To do:
Render every line of the data exactly as written, and leave out the pictures.

Material for this exercise:

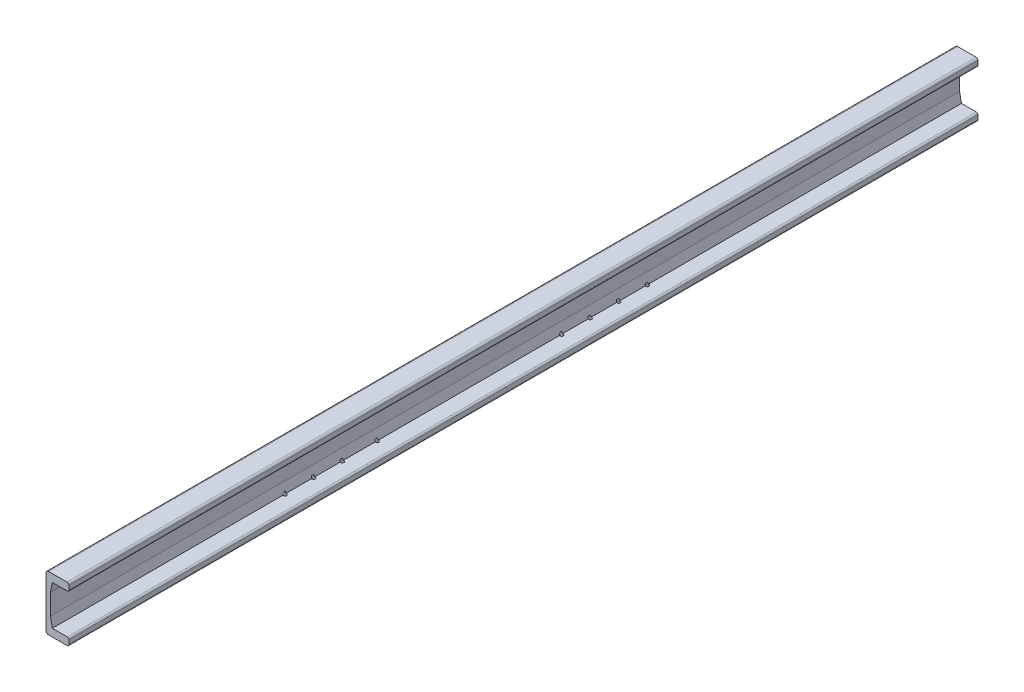
from build123d import *

# Parameters (mm, degrees)
BOSS_EXTRUDE1_DEPTH   = 1430
SKETCH2_R             = 2
CUT_EXTRUDE1_DEPTH    = 10
M6_TAPPED_HOLE1_D     = 5
M6_TAPPED_HOLE1_DEPTH = 15
M6_TAPPED_HOLE1_TIP   = 1.502151548


with BuildPart() as part:
    # Sketch1 → Boss-Extrude1 (new body)
    with BuildSketch(Plane.XY):
        with BuildLine():
            Line((-3, 0), (-32, 0))
            ThreePointArc((-32, 0), (-34.828427125, -1.171572875), (-36, -4))
            Line((-36, -4), (-36, -82.5))
            ThreePointArc((-36, -82.5), (-34.828427125, -85.328427125), (-32, -86.5))
            Line((-32, -86.5), (-3, -86.5))
            ThreePointArc((-3, -86.5), (-0.878679656, -85.621320344), (0, -83.5))
            Line((0, -83.5), (0, -77))
            ThreePointArc((0, -77), (-0.732233047, -75.232233047), (-2.5, -74.5))
            Line((-2.5, -74.5), (-26, -74.5))
            Line((-26, -74.5), (-29, -59.5))
            Line((-29, -59.5), (-29, -27))
            Line((-29, -27), (-26, -12))
            Line((-26, -12), (-2.5, -12))
            ThreePointArc((-2.5, -12), (-0.732233047, -11.267766953), (0, -9.5))
            Line((0, -9.5), (0, -3))
            ThreePointArc((0, -3), (-0.878679656, -0.878679656), (-3, 0))
        make_face()
    extrude(amount=BOSS_EXTRUDE1_DEPTH)

    # Sketch2 → Cut-Extrude1 (cut)
    with BuildSketch(Plane.XZ.offset(86.5)):
        with Locations(Location((-25, 495, 0), (0, 0, 270))):
            Circle(SKETCH2_R)
        with Locations(Location((-25, 540, 0), (0, 0, 270))):
            Circle(SKETCH2_R)
        with Locations(Location((-25, 975, 0), (0, 0, 270))):
            Circle(SKETCH2_R)
        with Locations(Location((-25, 585, 0), (0, 0, 270))):
            Circle(SKETCH2_R)
        with Locations(Location((-25, 630, 0), (0, 0, 270))):
            Circle(SKETCH2_R)
        with Locations(Location((-25, 1065, 0), (0, 0, 270))):
            Circle(SKETCH2_R)
        with Locations(Location((-25, 920, 0), (0, 0, 270))):
            Circle(SKETCH2_R)
        with Locations(Location((-25, 1020, 0), (0, 0, 270))):
            Circle(SKETCH2_R)
    extrude(amount=-CUT_EXTRUDE1_DEPTH, mode=Mode.SUBTRACT)

    # M6 Tapped Hole1
    with Locations(Plane(origin=(0, -86.5, 0), x_dir=(-1, 0, 0), z_dir=(0, -1, 0))):
        with Locations((25, -630), (25, -585), (25, -540), (25, -495), (25, -920), (25, -975), (25, -1020), (25, -1065)):
            Hole(M6_TAPPED_HOLE1_D / 2, depth=M6_TAPPED_HOLE1_DEPTH)
            with Locations((0, 0, -(M6_TAPPED_HOLE1_DEPTH + M6_TAPPED_HOLE1_TIP / 2))):  # 118° drill point
                Cone(0, M6_TAPPED_HOLE1_D / 2, M6_TAPPED_HOLE1_TIP, mode=Mode.SUBTRACT)


solid = part.part

Task answer:
from build123d import *

# Parameters (mm, degrees)
BOSS_EXTRUDE1_DEPTH   = 1430
SKETCH2_R             = 2
CUT_EXTRUDE1_DEPTH    = 10
M6_TAPPED_HOLE1_D     = 5
M6_TAPPED_HOLE1_DEPTH = 15
M6_TAPPED_HOLE1_TIP   = 1.502151548


with BuildPart() as part:
    # Sketch1 → Boss-Extrude1 (new body)
    with BuildSketch(Plane.XY):
        with BuildLine():
            Line((-3, 0), (-32, 0))
            ThreePointArc((-32, 0), (-34.828427125, -1.171572875), (-36, -4))
            Line((-36, -4), (-36, -82.5))
            ThreePointArc((-36, -82.5), (-34.828427125, -85.328427125), (-32, -86.5))
            Line((-32, -86.5), (-3, -86.5))
            ThreePointArc((-3, -86.5), (-0.878679656, -85.621320344), (0, -83.5))
            Line((0, -83.5), (0, -77))
            ThreePointArc((0, -77), (-0.732233047, -75.232233047), (-2.5, -74.5))
            Line((-2.5, -74.5), (-26, -74.5))
            Line((-26, -74.5), (-29, -59.5))
            Line((-29, -59.5), (-29, -27))
            Line((-29, -27), (-26, -12))
            Line((-26, -12), (-2.5, -12))
            ThreePointArc((-2.5, -12), (-0.732233047, -11.267766953), (0, -9.5))
            Line((0, -9.5), (0, -3))
            ThreePointArc((0, -3), (-0.878679656, -0.878679656), (-3, 0))
        make_face()
    extrude(amount=BOSS_EXTRUDE1_DEPTH)

    # Sketch2 → Cut-Extrude1 (cut)
    with BuildSketch(Plane.XZ.offset(86.5)):
        with Locations(Location((-25, 495, 0), (0, 0, 270))):
            Circle(SKETCH2_R)
        with Locations(Location((-25, 540, 0), (0, 0, 270))):
            Circle(SKETCH2_R)
        with Locations(Location((-25, 975, 0), (0, 0, 270))):
            Circle(SKETCH2_R)
        with Locations(Location((-25, 585, 0), (0, 0, 270))):
            Circle(SKETCH2_R)
        with Locations(Location((-25, 630, 0), (0, 0, 270))):
            Circle(SKETCH2_R)
        with Locations(Location((-25, 1065, 0), (0, 0, 270))):
            Circle(SKETCH2_R)
        with Locations(Location((-25, 920, 0), (0, 0, 270))):
            Circle(SKETCH2_R)
        with Locations(Location((-25, 1020, 0), (0, 0, 270))):
            Circle(SKETCH2_R)
    extrude(amount=-CUT_EXTRUDE1_DEPTH, mode=Mode.SUBTRACT)

    # M6 Tapped Hole1
    with Locations(Plane(origin=(0, -86.5, 0), x_dir=(-1, 0, 0), z_dir=(0, -1, 0))):
        with Locations((25, -630), (25, -585), (25, -540), (25, -495), (25, -920), (25, -975), (25, -1020), (25, -1065)):
            Hole(M6_TAPPED_HOLE1_D / 2, depth=M6_TAPPED_HOLE1_DEPTH)
            with Locations((0, 0, -(M6_TAPPED_HOLE1_DEPTH + M6_TAPPED_HOLE1_TIP / 2))):  # 118° drill point
                Cone(0, M6_TAPPED_HOLE1_D / 2, M6_TAPPED_HOLE1_TIP, mode=Mode.SUBTRACT)


solid = part.part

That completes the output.